Source records

= = =

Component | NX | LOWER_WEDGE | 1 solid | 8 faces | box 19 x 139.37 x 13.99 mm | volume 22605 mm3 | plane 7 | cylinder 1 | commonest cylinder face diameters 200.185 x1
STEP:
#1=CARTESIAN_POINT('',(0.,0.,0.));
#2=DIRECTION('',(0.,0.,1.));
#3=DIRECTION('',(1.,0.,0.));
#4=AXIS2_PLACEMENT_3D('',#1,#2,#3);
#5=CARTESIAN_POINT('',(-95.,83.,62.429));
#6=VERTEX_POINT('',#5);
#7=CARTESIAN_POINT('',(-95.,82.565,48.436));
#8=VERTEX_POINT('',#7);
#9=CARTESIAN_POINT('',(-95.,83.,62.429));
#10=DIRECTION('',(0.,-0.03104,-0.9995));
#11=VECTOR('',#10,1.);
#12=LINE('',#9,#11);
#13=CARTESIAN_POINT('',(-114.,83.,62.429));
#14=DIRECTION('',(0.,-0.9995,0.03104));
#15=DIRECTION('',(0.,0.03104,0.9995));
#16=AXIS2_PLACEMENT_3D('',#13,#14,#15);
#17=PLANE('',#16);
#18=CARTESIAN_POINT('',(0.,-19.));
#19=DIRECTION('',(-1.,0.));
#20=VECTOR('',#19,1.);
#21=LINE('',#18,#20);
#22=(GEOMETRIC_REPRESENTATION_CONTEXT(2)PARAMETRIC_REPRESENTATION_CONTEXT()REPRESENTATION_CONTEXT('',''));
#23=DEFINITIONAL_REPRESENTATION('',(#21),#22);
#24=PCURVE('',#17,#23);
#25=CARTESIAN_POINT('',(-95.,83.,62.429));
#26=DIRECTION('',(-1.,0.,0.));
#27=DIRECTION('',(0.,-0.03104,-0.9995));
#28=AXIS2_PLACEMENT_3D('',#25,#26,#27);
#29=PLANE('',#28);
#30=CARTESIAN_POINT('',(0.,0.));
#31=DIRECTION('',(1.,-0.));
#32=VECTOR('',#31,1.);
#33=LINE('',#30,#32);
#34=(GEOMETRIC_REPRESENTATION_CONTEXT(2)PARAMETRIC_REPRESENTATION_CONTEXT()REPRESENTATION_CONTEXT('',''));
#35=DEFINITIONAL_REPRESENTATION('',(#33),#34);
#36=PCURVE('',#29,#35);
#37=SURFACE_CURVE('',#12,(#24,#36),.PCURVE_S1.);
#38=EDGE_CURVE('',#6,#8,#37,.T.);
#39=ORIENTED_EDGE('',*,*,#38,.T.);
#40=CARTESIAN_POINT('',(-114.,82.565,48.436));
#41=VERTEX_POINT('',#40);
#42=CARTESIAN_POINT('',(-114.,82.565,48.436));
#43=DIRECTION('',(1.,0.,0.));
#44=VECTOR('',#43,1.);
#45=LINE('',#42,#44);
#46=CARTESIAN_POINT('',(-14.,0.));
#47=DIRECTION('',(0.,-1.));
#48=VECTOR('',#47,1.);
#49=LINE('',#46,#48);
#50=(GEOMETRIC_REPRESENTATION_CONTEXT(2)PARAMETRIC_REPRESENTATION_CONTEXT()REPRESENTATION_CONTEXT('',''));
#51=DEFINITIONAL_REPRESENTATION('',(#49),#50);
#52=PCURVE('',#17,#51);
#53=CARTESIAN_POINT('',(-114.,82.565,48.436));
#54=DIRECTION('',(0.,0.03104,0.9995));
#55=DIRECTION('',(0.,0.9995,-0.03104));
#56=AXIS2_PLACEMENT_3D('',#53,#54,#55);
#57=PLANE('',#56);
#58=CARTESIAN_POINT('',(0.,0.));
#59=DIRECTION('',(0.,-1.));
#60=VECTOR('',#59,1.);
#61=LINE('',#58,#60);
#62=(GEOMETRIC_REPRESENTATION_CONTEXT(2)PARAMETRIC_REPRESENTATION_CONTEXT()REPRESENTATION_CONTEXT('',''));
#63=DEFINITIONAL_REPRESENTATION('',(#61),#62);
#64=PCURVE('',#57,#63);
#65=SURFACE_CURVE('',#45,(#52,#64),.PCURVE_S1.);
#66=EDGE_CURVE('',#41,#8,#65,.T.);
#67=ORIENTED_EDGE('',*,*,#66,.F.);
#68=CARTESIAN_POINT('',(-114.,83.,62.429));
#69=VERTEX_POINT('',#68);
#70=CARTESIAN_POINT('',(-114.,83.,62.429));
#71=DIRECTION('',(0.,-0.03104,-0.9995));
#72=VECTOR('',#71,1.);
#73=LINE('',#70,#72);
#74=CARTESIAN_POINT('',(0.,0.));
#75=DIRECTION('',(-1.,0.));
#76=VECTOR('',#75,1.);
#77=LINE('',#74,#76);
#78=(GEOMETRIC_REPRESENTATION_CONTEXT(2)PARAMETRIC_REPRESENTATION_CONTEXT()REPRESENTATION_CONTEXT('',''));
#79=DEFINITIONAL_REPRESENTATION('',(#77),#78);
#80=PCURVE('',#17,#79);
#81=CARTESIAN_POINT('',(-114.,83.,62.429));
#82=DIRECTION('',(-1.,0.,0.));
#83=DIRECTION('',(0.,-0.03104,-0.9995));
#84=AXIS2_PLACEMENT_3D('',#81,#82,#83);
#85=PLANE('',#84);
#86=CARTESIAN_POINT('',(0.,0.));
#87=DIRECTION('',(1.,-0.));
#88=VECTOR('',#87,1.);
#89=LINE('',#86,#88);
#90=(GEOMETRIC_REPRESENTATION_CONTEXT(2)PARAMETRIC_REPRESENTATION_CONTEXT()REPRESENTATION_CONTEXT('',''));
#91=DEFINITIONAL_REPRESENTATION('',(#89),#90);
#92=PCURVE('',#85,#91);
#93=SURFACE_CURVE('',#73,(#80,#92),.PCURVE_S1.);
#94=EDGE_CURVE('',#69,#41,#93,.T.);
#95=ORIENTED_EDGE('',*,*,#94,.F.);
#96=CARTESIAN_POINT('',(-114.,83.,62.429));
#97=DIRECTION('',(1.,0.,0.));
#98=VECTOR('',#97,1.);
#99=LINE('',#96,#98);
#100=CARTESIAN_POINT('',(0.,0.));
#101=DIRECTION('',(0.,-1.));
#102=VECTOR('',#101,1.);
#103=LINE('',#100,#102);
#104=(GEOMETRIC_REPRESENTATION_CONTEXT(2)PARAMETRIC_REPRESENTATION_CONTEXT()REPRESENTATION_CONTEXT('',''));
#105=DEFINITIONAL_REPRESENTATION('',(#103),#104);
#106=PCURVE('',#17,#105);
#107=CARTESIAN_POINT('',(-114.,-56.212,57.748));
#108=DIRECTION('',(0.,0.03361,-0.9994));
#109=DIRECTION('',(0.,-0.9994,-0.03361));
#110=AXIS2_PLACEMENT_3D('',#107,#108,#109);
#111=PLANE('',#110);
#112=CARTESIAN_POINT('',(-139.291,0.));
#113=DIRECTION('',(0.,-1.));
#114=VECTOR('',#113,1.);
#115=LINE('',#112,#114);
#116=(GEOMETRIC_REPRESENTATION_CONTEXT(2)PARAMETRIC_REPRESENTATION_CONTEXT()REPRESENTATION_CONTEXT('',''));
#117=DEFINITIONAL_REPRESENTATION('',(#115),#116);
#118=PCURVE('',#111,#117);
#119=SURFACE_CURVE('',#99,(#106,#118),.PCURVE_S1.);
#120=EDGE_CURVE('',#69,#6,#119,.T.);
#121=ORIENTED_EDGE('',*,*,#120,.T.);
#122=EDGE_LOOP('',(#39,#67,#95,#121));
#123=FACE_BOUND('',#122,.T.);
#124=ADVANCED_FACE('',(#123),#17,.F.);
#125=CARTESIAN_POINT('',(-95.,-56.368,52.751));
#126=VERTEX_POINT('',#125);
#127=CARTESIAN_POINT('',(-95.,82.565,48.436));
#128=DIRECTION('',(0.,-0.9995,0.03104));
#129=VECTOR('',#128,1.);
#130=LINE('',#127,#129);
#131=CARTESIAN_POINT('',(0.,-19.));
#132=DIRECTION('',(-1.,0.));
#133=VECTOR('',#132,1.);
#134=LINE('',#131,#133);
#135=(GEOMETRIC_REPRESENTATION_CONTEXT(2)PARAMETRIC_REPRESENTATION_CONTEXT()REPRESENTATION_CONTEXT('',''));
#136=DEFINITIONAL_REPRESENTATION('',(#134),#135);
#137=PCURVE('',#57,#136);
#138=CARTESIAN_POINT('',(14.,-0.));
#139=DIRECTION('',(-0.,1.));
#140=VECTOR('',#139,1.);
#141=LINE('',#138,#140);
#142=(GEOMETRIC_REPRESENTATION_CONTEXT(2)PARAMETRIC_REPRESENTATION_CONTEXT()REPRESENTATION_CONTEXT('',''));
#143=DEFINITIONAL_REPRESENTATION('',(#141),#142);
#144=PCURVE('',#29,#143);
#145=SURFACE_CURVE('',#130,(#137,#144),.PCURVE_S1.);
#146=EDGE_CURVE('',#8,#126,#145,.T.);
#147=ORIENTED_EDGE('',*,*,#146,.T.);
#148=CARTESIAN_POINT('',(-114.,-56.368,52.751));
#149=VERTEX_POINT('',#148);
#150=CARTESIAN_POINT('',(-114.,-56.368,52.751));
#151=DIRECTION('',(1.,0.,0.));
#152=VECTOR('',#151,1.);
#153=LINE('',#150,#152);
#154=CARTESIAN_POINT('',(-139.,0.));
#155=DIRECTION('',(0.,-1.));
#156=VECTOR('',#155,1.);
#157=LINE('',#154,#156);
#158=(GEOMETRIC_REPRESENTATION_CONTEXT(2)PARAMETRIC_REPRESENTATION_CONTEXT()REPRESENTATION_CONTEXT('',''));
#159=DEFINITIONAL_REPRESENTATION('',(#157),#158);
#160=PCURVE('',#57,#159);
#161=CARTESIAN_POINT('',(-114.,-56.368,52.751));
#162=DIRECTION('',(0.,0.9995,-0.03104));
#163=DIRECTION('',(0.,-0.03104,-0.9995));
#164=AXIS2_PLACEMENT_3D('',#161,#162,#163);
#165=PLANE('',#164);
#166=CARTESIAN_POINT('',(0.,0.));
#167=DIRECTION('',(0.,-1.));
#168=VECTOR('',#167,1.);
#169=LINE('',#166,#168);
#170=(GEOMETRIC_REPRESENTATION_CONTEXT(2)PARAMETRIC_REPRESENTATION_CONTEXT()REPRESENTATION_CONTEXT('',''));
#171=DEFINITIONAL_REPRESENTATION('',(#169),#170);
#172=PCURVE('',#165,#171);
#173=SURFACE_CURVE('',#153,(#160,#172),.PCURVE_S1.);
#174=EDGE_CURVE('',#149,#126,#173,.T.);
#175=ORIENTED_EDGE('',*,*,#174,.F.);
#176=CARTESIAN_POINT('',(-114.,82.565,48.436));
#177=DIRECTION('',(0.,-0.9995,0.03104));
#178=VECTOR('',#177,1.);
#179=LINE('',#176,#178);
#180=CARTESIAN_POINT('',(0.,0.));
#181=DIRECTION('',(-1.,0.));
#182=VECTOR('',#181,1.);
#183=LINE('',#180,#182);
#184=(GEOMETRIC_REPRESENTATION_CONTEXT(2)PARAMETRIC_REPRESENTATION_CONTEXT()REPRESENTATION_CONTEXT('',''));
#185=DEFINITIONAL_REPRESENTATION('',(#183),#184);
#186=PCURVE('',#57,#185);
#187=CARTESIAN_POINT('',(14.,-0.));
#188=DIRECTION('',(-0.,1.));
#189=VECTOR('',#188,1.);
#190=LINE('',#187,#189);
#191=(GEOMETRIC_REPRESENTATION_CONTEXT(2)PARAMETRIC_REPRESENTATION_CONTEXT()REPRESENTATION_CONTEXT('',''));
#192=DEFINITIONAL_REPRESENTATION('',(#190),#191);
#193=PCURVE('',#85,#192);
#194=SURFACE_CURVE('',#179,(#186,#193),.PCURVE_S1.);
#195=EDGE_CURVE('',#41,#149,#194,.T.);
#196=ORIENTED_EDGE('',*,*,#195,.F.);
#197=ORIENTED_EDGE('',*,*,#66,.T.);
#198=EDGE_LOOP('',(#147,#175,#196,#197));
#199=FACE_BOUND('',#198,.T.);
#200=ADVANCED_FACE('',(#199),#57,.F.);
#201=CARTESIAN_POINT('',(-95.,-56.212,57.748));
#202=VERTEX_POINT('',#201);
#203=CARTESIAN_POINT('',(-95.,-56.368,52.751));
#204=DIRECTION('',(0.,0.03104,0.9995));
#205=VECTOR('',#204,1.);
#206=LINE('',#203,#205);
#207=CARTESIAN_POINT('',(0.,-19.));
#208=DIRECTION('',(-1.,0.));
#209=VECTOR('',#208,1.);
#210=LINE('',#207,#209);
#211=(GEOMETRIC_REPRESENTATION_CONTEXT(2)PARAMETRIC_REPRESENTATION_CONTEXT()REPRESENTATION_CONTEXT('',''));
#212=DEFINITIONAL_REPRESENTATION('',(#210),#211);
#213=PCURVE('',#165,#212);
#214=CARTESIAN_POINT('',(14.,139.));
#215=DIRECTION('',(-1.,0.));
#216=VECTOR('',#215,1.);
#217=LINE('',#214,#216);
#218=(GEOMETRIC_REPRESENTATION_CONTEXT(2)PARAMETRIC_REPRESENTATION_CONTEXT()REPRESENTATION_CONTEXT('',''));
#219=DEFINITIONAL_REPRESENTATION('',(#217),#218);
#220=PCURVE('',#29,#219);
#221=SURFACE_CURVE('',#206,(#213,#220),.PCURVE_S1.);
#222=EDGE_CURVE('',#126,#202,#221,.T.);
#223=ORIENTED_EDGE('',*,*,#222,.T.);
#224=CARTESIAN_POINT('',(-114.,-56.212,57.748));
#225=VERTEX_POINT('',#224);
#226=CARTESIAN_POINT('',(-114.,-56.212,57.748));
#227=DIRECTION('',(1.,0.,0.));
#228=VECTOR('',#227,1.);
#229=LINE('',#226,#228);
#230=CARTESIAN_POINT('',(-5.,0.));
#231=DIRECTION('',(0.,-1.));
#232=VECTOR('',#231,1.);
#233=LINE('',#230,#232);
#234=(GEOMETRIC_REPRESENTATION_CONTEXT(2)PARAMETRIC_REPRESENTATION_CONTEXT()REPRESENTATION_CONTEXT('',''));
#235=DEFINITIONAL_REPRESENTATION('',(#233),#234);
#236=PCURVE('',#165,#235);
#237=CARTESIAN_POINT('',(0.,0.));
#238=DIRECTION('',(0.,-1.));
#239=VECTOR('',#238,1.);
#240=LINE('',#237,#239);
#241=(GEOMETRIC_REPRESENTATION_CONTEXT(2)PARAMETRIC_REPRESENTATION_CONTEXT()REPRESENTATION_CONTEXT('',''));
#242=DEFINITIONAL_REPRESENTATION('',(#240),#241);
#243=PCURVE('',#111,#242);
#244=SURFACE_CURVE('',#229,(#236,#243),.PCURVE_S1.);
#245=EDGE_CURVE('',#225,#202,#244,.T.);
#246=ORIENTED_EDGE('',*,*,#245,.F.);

= = =

→ **HOW TO COMPLETE THIS TASK**: Working from the data above, extract solely the lines from the one containing "#41=VERTEX_POINT('',#40);" through the one containing "#60=VECTOR('',#59,1.);", exactly as they appear, both included.

→ **EXPECTED ANSWER**:
#41=VERTEX_POINT('',#40);
#42=CARTESIAN_POINT('',(-114.,82.565,48.436));
#43=DIRECTION('',(1.,0.,0.));
#44=VECTOR('',#43,1.);
#45=LINE('',#42,#44);
#46=CARTESIAN_POINT('',(-14.,0.));
#47=DIRECTION('',(0.,-1.));
#48=VECTOR('',#47,1.);
#49=LINE('',#46,#48);
#50=(GEOMETRIC_REPRESENTATION_CONTEXT(2)PARAMETRIC_REPRESENTATION_CONTEXT()REPRESENTATION_CONTEXT('',''));
#51=DEFINITIONAL_REPRESENTATION('',(#49),#50);
#52=PCURVE('',#17,#51);
#53=CARTESIAN_POINT('',(-114.,82.565,48.436));
#54=DIRECTION('',(0.,0.03104,0.9995));
#55=DIRECTION('',(0.,0.9995,-0.03104));
#56=AXIS2_PLACEMENT_3D('',#53,#54,#55);
#57=PLANE('',#56);
#58=CARTESIAN_POINT('',(0.,0.));
#59=DIRECTION('',(0.,-1.));
#60=VECTOR('',#59,1.);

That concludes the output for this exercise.